• _Saved entries_

= = =

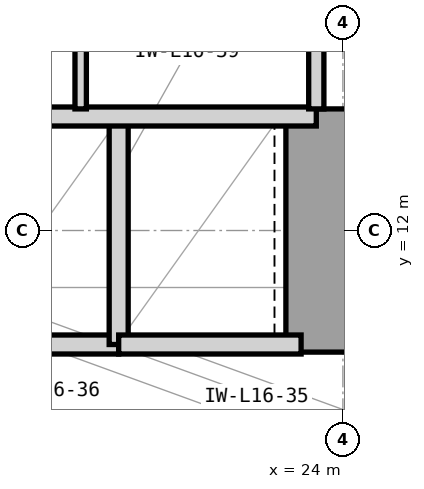
"""IFC4 building model, lengths in metres.
Left out: names, types, materials, properties, quantities, classifications, styles, units other than length and angle.
Written with IfcOpenShell. Run it as: python <this file> out.ifc"""

import sys

from ifc_helpers import new_model, si_unit, direction, frame, frame_2d, origin, place, context, subcontext, project, spatial, rectangle, extrude, element, save


model = new_model("IFC4")
c1 = context("Model", 3, precision=1e-05, world=origin(), true_north=direction((0.0, 1.0)))
c2 = subcontext(c1, "Body", "Model", "MODEL_VIEW")
j1 = project(units=[si_unit("LENGTHUNIT", "METRE"), si_unit("PLANEANGLEUNIT", "RADIAN")], contexts=[c1])
p1 = place(None, origin())
s1 = spatial("IfcSite", under=j1, at=p1, CompositionType="ELEMENT")
p2 = place(p1, origin())
s2 = spatial("IfcBuilding", under=s1, at=p2, CompositionType="ELEMENT")
p3 = place(p2, frame((0.0, 0.0, 72.0)))
s3 = spatial("IfcBuildingStorey", under=s2, at=p3, CompositionType="ELEMENT", Elevation=72.0)
p4 = place(p3, frame((23.65, 10.4, 0.0), z_axis=(0.0, 0.0, 1.0), x_axis=(0.0, 1.0, 0.0)))
e1 = element("IfcWall", 1, at=p4, inside=s3, PredefinedType="SHEAR", context=c2, shape_type="SweptSolid", body=[
    extrude(rectangle(XDim=3.2, YDim=0.8, at=frame_2d((1.6, 0.0))), origin(), (0.0, 0.0, 1.0), 4.2),
])
p5 = place(p3, frame((18.95, 10.5, 0.0), z_axis=(0.0, 0.0, 1.0), x_axis=(1.0, 0.0, 0.0)))
e2 = element("IfcWall", 2, at=p5, inside=s3, PredefinedType="PARTITIONING", context=c2, shape_type="SweptSolid", body=[
    extrude(rectangle(XDim=2.1, YDim=0.25, at=frame_2d((1.05, 0.0))), origin(), (0.0, 0.0, 1.0), 3.426),
])
p6 = place(p3, frame((21.05, 10.5, 0.0), z_axis=(0.0, 0.0, 1.0), x_axis=(0.0, 1.0, 0.0)))
e3 = element("IfcWall", 3, at=p6, inside=s3, PredefinedType="PARTITIONING", context=c2, shape_type="SweptSolid", body=[
    extrude(rectangle(XDim=3.0, YDim=0.25, at=frame_2d((1.5, 0.0))), origin(), (0.0, 0.0, 1.0), 3.97),
])
p7 = place(p3, frame((21.05, 10.5, 0.0), z_axis=(0.0, 0.0, 1.0), x_axis=(1.0, 0.0, 0.0)))
e4 = element("IfcWall", 4, at=p7, inside=s3, PredefinedType="PARTITIONING", context=c2, shape_type="SweptSolid", body=[
    extrude(rectangle(XDim=2.4, YDim=0.25, at=frame_2d((1.2, 0.0))), origin(), (0.0, 0.0, 1.0), 3.426),
])
p8 = place(p3, frame((14.7, 13.5, 0.0), z_axis=(0.0, 0.0, 1.0), x_axis=(1.0, 0.0, 0.0)))
e5 = element("IfcWall", 5, at=p8, inside=s3, PredefinedType="PARTITIONING", context=c2, shape_type="SweptSolid", body=[
    extrude(rectangle(XDim=8.95, YDim=0.25, at=frame_2d((4.475, 0.0))), origin(), (0.0, 0.0, 1.0), 3.426),
])
p9 = place(p3, frame((20.55, 13.6, 0.0), z_axis=(0.0, 0.0, 1.0), x_axis=(0.0, 1.0, 0.0)))
e6 = element("IfcWall", 6, at=p9, inside=s3, PredefinedType="PARTITIONING", context=c2, shape_type="SweptSolid", body=[
    extrude(rectangle(XDim=3.0, YDim=0.15, at=frame_2d((1.5, 0.0))), origin(), (0.0, 0.0, 1.0), 3.97),
])
p10 = place(p3, frame((23.65, 13.6, 0.0), z_axis=(0.0, 0.0, 1.0), x_axis=(0.0, 1.0, 0.0)))
e7 = element("IfcWall", 7, at=p10, inside=s3, PredefinedType="PARTITIONING", context=c2, shape_type="SweptSolid", body=[
    extrude(rectangle(XDim=3.0, YDim=0.2, at=frame_2d((1.5, 0.0))), origin(), (0.0, 0.0, 1.0), 3.97),
])
p11 = place(p10, frame((1.02, 0.0, 0.0)))
e8 = element("IfcOpeningElement", 8, at=p11, cuts=e7, PredefinedType="OPENING", context=c2, shape_type="SweptSolid", body=[
    extrude(rectangle(XDim=0.95, YDim=2.1, at=frame_2d((0.475, 1.05))), frame((0.0, 0.11, 0.0), z_axis=(0.0, -1.0, 0.0), x_axis=(1.0, 0.0, 0.0)), (0.0, 0.0, 1.0), 0.22),
])
save(model, sys.argv[1])

= = =

• _Your goal_
Transcribe each line above verbatim, with the pictures left out.

• _Response box_
"""IFC4 building model, lengths in metres.
Left out: names, types, materials, properties, quantities, classifications, styles, units other than length and angle.
Written with IfcOpenShell. Run it as: python <this file> out.ifc"""

import sys

from ifc_helpers import new_model, si_unit, direction, frame, frame_2d, origin, place, context, subcontext, project, spatial, rectangle, extrude, element, save


model = new_model("IFC4")
c1 = context("Model", 3, precision=1e-05, world=origin(), true_north=direction((0.0, 1.0)))
c2 = subcontext(c1, "Body", "Model", "MODEL_VIEW")
j1 = project(units=[si_unit("LENGTHUNIT", "METRE"), si_unit("PLANEANGLEUNIT", "RADIAN")], contexts=[c1])
p1 = place(None, origin())
s1 = spatial("IfcSite", under=j1, at=p1, CompositionType="ELEMENT")
p2 = place(p1, origin())
s2 = spatial("IfcBuilding", under=s1, at=p2, CompositionType="ELEMENT")
p3 = place(p2, frame((0.0, 0.0, 72.0)))
s3 = spatial("IfcBuildingStorey", under=s2, at=p3, CompositionType="ELEMENT", Elevation=72.0)
p4 = place(p3, frame((23.65, 10.4, 0.0), z_axis=(0.0, 0.0, 1.0), x_axis=(0.0, 1.0, 0.0)))
e1 = element("IfcWall", 1, at=p4, inside=s3, PredefinedType="SHEAR", context=c2, shape_type="SweptSolid", body=[
    extrude(rectangle(XDim=3.2, YDim=0.8, at=frame_2d((1.6, 0.0))), origin(), (0.0, 0.0, 1.0), 4.2),
])
p5 = place(p3, frame((18.95, 10.5, 0.0), z_axis=(0.0, 0.0, 1.0), x_axis=(1.0, 0.0, 0.0)))
e2 = element("IfcWall", 2, at=p5, inside=s3, PredefinedType="PARTITIONING", context=c2, shape_type="SweptSolid", body=[
    extrude(rectangle(XDim=2.1, YDim=0.25, at=frame_2d((1.05, 0.0))), origin(), (0.0, 0.0, 1.0), 3.426),
])
p6 = place(p3, frame((21.05, 10.5, 0.0), z_axis=(0.0, 0.0, 1.0), x_axis=(0.0, 1.0, 0.0)))
e3 = element("IfcWall", 3, at=p6, inside=s3, PredefinedType="PARTITIONING", context=c2, shape_type="SweptSolid", body=[
    extrude(rectangle(XDim=3.0, YDim=0.25, at=frame_2d((1.5, 0.0))), origin(), (0.0, 0.0, 1.0), 3.97),
])
p7 = place(p3, frame((21.05, 10.5, 0.0), z_axis=(0.0, 0.0, 1.0), x_axis=(1.0, 0.0, 0.0)))
e4 = element("IfcWall", 4, at=p7, inside=s3, PredefinedType="PARTITIONING", context=c2, shape_type="SweptSolid", body=[
    extrude(rectangle(XDim=2.4, YDim=0.25, at=frame_2d((1.2, 0.0))), origin(), (0.0, 0.0, 1.0), 3.426),
])
p8 = place(p3, frame((14.7, 13.5, 0.0), z_axis=(0.0, 0.0, 1.0), x_axis=(1.0, 0.0, 0.0)))
e5 = element("IfcWall", 5, at=p8, inside=s3, PredefinedType="PARTITIONING", context=c2, shape_type="SweptSolid", body=[
    extrude(rectangle(XDim=8.95, YDim=0.25, at=frame_2d((4.475, 0.0))), origin(), (0.0, 0.0, 1.0), 3.426),
])
p9 = place(p3, frame((20.55, 13.6, 0.0), z_axis=(0.0, 0.0, 1.0), x_axis=(0.0, 1.0, 0.0)))
e6 = element("IfcWall", 6, at=p9, inside=s3, PredefinedType="PARTITIONING", context=c2, shape_type="SweptSolid", body=[
    extrude(rectangle(XDim=3.0, YDim=0.15, at=frame_2d((1.5, 0.0))), origin(), (0.0, 0.0, 1.0), 3.97),
])
p10 = place(p3, frame((23.65, 13.6, 0.0), z_axis=(0.0, 0.0, 1.0), x_axis=(0.0, 1.0, 0.0)))
e7 = element("IfcWall", 7, at=p10, inside=s3, PredefinedType="PARTITIONING", context=c2, shape_type="SweptSolid", body=[
    extrude(rectangle(XDim=3.0, YDim=0.2, at=frame_2d((1.5, 0.0))), origin(), (0.0, 0.0, 1.0), 3.97),
])
p11 = place(p10, frame((1.02, 0.0, 0.0)))
e8 = element("IfcOpeningElement", 8, at=p11, cuts=e7, PredefinedType="OPENING", context=c2, shape_type="SweptSolid", body=[
    extrude(rectangle(XDim=0.95, YDim=2.1, at=frame_2d((0.475, 1.05))), frame((0.0, 0.11, 0.0), z_axis=(0.0, -1.0, 0.0), x_axis=(1.0, 0.0, 0.0)), (0.0, 0.0, 1.0), 0.22),
])
save(model, sys.argv[1])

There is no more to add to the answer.